Records for this task:
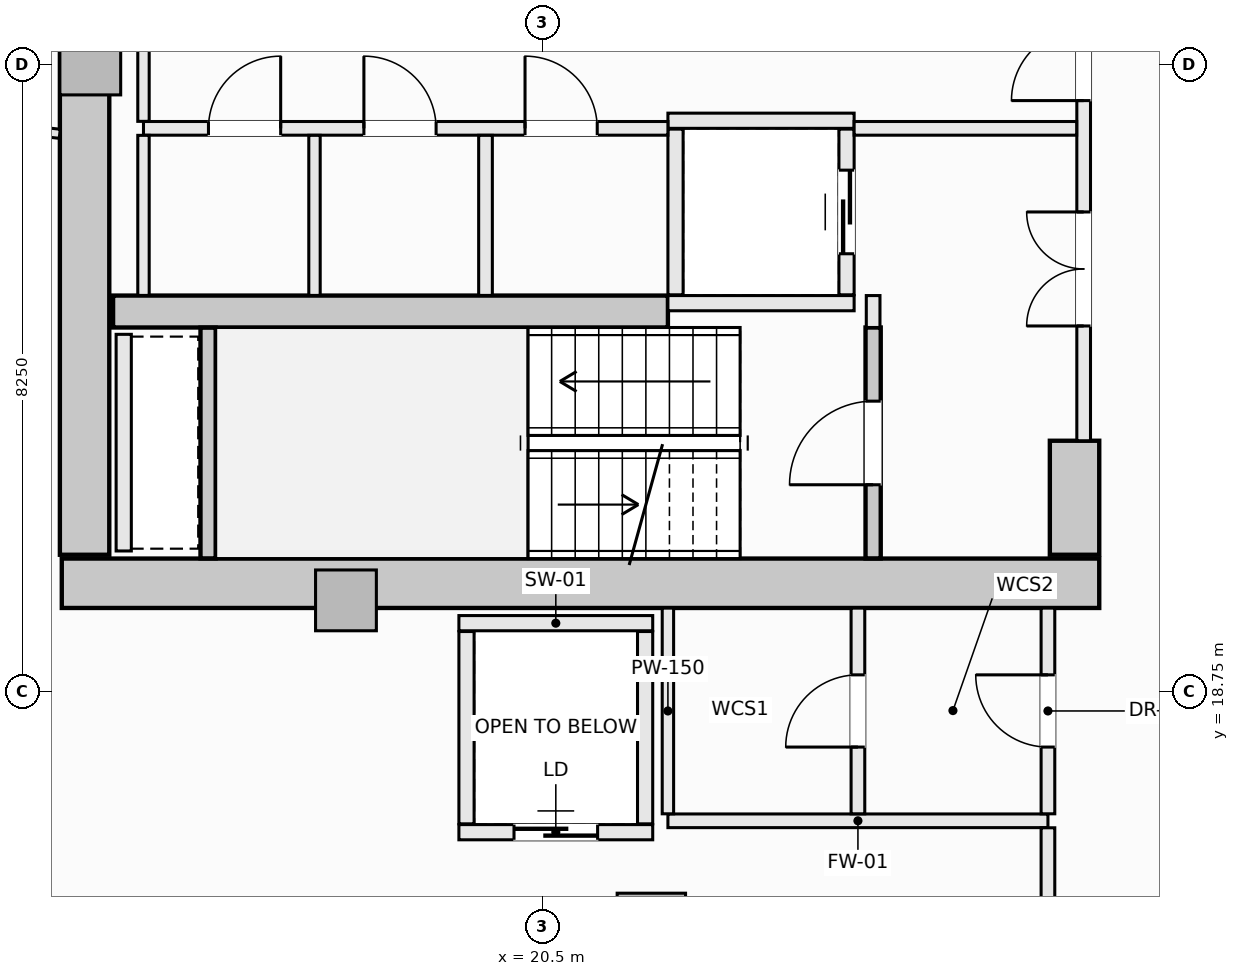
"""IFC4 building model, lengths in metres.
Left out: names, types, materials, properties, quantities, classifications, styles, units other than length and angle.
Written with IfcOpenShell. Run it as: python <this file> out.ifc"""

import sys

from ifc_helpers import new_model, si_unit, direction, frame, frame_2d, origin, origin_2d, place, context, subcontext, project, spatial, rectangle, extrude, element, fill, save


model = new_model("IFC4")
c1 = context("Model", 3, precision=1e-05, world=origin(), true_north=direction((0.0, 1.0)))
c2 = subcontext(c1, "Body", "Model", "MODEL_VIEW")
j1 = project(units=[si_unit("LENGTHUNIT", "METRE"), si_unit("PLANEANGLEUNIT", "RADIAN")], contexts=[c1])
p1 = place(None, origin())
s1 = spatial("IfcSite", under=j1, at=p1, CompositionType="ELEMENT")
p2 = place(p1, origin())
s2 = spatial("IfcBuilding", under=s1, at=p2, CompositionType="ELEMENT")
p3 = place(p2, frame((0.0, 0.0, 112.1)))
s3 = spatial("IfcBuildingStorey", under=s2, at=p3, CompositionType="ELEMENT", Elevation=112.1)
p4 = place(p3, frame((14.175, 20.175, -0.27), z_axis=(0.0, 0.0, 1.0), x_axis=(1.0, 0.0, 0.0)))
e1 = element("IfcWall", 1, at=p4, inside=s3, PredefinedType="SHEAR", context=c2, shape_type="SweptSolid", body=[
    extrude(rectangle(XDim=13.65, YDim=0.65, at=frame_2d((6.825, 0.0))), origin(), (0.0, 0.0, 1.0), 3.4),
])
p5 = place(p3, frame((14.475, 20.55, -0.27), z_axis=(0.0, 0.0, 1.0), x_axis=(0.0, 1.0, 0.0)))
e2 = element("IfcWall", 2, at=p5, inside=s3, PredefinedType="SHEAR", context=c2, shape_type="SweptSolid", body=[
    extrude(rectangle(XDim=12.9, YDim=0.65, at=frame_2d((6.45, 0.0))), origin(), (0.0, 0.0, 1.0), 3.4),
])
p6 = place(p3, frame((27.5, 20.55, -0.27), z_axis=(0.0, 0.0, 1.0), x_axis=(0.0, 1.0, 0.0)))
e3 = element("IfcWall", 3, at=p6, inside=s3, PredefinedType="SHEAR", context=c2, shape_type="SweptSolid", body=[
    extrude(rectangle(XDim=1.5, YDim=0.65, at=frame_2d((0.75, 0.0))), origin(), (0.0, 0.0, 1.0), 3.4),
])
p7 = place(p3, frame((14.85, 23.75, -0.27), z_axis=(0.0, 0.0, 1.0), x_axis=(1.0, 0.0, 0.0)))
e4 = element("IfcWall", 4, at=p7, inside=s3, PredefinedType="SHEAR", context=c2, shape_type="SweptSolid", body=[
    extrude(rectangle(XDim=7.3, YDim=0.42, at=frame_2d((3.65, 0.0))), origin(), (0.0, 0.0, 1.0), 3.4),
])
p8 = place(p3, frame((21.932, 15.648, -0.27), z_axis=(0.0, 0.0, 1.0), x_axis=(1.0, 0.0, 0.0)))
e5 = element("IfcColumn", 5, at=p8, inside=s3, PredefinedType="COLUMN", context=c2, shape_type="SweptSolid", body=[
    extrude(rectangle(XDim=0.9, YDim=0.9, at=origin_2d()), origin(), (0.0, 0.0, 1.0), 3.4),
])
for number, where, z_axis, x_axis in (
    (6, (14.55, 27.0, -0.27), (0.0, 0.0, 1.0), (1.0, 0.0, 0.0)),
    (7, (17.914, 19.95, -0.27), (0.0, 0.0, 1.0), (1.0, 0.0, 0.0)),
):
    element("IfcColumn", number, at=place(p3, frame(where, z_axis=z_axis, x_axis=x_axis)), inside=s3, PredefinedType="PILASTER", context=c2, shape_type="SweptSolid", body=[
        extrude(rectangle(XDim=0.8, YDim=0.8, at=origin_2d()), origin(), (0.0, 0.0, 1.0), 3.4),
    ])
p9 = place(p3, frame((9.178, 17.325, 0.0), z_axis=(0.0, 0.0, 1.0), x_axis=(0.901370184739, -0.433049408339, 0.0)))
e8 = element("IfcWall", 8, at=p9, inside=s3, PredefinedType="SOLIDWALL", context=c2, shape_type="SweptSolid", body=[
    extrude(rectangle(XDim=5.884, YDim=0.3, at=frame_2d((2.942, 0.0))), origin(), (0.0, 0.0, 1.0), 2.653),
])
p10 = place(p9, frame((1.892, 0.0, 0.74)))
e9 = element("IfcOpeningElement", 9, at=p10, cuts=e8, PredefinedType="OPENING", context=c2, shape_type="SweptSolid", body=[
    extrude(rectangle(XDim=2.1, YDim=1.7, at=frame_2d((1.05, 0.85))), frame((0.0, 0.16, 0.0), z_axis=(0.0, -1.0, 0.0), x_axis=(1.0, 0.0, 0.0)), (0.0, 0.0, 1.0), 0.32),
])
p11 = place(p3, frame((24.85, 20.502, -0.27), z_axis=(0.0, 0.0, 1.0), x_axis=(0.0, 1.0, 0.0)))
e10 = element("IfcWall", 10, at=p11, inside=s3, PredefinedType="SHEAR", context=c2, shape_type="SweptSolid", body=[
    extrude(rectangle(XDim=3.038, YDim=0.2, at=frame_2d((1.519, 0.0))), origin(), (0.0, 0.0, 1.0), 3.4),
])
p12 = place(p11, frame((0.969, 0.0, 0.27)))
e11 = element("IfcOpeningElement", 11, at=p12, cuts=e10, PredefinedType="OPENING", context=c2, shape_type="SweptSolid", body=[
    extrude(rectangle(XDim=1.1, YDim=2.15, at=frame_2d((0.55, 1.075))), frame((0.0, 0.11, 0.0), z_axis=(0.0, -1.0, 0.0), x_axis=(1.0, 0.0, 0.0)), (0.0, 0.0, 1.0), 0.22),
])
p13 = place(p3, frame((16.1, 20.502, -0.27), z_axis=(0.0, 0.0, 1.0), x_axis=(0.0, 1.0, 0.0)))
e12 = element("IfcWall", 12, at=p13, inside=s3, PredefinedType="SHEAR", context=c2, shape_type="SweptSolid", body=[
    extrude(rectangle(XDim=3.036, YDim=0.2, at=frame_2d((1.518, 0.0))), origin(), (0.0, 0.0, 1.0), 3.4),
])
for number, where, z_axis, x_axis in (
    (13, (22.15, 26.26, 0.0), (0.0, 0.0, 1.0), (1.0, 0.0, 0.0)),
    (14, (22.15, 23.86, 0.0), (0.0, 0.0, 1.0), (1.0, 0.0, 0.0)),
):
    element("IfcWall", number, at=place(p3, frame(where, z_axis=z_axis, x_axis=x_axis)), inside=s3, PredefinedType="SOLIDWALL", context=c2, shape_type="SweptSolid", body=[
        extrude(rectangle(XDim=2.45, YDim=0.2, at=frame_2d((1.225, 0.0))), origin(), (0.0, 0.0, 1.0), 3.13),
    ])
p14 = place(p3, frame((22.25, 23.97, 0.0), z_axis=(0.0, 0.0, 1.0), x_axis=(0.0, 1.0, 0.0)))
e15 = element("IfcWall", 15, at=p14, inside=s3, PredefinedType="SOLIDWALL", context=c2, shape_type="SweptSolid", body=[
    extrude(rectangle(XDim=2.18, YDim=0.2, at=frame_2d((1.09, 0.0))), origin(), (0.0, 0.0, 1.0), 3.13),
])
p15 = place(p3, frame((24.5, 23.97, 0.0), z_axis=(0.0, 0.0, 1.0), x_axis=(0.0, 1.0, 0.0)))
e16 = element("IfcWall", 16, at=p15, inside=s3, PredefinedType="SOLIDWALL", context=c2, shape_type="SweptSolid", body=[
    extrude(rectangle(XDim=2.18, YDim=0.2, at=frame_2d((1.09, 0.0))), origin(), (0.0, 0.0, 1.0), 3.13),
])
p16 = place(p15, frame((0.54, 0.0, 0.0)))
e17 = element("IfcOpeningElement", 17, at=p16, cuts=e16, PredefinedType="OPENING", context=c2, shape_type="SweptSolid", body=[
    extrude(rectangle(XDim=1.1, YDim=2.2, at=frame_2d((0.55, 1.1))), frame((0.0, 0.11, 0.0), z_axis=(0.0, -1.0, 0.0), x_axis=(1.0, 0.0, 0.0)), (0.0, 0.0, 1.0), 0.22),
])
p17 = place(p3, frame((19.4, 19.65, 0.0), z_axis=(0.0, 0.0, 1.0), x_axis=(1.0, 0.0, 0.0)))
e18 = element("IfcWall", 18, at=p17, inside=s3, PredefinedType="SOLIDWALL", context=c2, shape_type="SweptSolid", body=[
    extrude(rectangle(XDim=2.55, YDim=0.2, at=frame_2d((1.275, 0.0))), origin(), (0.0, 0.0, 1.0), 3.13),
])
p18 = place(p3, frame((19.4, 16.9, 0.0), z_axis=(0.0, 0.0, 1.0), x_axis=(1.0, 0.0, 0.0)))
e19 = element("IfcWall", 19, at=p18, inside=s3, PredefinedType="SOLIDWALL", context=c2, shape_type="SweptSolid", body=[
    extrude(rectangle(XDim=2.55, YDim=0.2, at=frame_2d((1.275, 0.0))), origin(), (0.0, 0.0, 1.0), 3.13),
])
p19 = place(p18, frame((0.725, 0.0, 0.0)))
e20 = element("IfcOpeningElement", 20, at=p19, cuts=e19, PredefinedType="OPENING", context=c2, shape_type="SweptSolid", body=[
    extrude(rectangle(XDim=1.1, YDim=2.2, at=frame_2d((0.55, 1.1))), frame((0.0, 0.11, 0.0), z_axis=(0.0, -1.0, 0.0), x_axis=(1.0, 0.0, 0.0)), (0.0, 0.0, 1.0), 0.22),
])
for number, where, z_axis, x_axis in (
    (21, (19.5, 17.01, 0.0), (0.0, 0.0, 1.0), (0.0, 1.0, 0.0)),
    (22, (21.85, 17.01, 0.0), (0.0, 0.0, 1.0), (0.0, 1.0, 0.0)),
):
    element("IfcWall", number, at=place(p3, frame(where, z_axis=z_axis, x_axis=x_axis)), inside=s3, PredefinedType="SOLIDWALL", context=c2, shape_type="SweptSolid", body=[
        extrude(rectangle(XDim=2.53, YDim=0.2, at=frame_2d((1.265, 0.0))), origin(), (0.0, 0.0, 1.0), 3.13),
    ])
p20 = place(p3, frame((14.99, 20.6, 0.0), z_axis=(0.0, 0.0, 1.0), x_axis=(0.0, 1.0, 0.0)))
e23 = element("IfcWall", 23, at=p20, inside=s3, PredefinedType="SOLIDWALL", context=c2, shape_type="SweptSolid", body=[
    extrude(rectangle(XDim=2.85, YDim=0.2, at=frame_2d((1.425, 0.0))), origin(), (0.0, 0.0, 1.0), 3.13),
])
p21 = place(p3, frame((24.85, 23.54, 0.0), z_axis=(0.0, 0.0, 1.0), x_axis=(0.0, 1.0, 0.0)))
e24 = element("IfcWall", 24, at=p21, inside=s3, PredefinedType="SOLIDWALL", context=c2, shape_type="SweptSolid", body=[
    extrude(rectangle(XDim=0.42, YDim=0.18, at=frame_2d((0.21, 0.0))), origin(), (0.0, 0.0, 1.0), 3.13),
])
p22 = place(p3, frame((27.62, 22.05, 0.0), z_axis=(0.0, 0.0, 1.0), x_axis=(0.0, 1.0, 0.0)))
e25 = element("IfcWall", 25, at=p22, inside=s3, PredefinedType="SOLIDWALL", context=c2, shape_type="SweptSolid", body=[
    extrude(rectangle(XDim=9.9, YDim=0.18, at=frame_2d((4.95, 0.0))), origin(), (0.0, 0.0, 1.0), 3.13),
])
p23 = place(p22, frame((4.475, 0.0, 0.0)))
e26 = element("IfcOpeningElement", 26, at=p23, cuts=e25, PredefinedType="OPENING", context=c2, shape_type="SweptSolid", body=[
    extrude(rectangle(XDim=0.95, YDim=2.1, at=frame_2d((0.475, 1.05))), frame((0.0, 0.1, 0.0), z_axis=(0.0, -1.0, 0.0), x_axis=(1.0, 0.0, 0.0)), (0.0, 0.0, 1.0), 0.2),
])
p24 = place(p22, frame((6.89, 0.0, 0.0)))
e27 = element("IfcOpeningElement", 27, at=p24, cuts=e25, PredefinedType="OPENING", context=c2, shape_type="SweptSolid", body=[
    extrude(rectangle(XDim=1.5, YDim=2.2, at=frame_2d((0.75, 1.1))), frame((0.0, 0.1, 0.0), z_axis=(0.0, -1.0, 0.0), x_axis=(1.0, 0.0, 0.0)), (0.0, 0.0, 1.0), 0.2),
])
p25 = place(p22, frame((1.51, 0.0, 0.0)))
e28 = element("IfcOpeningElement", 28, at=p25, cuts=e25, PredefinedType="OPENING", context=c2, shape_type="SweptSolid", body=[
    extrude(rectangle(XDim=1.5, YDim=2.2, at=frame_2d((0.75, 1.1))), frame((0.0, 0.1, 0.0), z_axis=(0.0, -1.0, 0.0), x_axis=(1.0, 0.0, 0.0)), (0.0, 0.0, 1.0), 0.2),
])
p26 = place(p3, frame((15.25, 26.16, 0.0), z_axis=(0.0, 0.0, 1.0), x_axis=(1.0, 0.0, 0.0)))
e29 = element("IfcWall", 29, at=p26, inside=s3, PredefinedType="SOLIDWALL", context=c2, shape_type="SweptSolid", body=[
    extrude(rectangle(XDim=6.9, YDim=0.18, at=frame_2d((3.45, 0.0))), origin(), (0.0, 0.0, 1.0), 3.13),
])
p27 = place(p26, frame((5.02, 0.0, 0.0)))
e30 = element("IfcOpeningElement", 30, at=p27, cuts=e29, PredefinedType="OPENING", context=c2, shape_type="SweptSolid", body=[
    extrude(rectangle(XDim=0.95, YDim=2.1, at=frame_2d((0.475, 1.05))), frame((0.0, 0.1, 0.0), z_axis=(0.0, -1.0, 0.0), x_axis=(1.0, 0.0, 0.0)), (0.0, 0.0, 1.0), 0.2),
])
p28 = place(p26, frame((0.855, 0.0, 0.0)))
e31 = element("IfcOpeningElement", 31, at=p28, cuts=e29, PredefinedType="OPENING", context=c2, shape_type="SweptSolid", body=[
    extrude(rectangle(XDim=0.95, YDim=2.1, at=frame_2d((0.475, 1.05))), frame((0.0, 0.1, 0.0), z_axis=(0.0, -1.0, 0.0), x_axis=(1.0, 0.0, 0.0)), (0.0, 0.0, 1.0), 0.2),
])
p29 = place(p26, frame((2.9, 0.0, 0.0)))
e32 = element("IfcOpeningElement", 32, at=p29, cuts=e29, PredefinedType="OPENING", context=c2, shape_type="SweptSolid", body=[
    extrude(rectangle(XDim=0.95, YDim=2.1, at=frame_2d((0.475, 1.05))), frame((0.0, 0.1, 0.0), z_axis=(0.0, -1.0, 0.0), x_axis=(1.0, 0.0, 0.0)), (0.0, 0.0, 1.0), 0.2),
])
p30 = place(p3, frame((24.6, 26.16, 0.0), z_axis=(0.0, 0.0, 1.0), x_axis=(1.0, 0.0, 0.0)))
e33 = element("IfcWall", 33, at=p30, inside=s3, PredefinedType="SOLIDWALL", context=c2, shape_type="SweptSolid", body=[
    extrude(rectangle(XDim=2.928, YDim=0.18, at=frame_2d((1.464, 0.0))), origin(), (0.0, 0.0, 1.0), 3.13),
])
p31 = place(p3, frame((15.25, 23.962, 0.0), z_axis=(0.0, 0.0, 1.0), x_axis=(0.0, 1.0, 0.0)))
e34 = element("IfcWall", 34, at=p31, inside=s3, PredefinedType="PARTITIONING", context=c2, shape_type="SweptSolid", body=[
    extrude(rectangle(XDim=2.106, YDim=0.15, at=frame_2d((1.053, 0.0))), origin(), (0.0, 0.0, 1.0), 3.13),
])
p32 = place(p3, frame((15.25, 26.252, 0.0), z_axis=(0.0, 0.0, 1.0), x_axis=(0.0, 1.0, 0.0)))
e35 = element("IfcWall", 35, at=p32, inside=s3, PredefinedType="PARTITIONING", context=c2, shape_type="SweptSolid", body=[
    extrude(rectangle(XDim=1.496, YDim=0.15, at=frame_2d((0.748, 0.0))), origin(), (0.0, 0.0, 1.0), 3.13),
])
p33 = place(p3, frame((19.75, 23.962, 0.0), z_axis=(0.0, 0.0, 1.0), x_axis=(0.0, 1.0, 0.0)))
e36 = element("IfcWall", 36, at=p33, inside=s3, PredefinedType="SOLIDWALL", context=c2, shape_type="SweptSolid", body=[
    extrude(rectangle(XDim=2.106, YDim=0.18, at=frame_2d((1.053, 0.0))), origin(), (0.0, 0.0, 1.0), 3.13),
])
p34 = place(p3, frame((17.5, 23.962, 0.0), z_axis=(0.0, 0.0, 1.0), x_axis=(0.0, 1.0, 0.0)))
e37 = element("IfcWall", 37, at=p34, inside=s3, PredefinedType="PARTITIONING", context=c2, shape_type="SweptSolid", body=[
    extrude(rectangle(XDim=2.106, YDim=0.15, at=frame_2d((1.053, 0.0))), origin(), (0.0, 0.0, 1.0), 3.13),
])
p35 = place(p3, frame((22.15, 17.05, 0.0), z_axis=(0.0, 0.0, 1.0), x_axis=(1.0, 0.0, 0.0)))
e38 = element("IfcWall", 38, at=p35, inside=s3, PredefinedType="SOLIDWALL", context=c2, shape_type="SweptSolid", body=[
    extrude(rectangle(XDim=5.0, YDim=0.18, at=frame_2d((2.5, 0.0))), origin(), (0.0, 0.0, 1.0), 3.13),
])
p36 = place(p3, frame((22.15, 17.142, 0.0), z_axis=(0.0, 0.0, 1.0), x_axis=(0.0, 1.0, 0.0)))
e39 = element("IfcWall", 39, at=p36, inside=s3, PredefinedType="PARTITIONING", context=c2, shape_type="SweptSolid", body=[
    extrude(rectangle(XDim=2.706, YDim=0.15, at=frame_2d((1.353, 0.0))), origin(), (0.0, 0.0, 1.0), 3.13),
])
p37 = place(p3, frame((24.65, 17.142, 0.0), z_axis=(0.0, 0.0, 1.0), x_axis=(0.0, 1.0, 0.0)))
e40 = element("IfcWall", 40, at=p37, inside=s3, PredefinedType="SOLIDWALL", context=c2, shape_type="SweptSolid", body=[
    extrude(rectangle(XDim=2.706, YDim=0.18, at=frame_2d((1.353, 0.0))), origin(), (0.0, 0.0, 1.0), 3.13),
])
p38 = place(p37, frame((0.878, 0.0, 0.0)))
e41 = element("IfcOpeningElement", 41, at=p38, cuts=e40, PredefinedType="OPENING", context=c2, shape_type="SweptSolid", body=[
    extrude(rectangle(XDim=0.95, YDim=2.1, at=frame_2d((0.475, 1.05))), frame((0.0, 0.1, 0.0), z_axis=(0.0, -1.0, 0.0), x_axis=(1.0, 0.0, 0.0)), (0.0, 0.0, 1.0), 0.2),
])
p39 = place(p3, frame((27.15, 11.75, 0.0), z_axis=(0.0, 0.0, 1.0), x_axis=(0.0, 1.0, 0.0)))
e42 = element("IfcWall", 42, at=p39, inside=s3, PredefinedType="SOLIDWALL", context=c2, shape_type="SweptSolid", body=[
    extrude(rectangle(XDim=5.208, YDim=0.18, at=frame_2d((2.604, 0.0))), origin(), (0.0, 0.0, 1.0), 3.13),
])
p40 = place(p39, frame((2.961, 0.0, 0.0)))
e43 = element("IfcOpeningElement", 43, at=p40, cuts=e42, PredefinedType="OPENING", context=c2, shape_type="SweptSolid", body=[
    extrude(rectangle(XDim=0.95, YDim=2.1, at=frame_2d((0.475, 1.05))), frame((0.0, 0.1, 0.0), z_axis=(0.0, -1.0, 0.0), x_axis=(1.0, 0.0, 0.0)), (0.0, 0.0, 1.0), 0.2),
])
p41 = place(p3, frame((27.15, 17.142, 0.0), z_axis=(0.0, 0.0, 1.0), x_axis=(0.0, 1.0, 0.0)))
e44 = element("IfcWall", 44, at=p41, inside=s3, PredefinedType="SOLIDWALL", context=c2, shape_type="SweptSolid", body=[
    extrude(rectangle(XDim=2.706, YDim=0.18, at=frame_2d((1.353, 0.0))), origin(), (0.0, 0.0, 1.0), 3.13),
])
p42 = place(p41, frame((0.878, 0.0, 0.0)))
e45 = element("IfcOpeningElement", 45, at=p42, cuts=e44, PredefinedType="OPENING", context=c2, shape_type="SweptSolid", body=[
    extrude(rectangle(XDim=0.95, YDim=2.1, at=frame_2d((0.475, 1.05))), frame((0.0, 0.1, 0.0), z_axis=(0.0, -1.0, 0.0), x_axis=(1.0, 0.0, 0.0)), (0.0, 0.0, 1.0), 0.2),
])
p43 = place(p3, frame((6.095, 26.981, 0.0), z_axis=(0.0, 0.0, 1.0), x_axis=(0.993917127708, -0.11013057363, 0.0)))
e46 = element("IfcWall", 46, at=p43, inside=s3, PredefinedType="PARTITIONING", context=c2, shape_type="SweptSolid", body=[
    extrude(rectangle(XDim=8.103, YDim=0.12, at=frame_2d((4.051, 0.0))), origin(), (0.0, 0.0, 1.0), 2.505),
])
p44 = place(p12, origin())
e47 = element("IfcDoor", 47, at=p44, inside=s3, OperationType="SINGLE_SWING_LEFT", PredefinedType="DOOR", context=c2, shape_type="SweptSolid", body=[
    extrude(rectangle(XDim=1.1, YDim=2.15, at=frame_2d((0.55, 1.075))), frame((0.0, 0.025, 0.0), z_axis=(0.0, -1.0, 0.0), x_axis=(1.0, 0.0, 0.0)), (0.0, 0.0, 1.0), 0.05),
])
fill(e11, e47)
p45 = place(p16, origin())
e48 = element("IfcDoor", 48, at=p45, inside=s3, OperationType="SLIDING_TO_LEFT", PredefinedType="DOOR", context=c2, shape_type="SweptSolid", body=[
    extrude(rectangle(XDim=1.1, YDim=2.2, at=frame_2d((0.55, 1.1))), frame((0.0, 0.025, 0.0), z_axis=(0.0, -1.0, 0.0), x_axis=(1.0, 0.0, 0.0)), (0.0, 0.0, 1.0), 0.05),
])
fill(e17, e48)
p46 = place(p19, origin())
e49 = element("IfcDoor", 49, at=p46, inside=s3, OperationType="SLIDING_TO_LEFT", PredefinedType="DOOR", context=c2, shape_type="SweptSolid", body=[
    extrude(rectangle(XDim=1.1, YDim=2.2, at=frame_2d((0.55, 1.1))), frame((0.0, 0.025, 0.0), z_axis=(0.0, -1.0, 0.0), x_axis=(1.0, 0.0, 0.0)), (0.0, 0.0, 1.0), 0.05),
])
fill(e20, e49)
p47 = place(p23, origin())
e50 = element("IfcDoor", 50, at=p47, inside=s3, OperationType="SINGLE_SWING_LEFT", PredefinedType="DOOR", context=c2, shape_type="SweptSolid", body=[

What this task involves: Give the count of lines in the entries above that hold the word "direction", with no other words.

Exercise answer: 2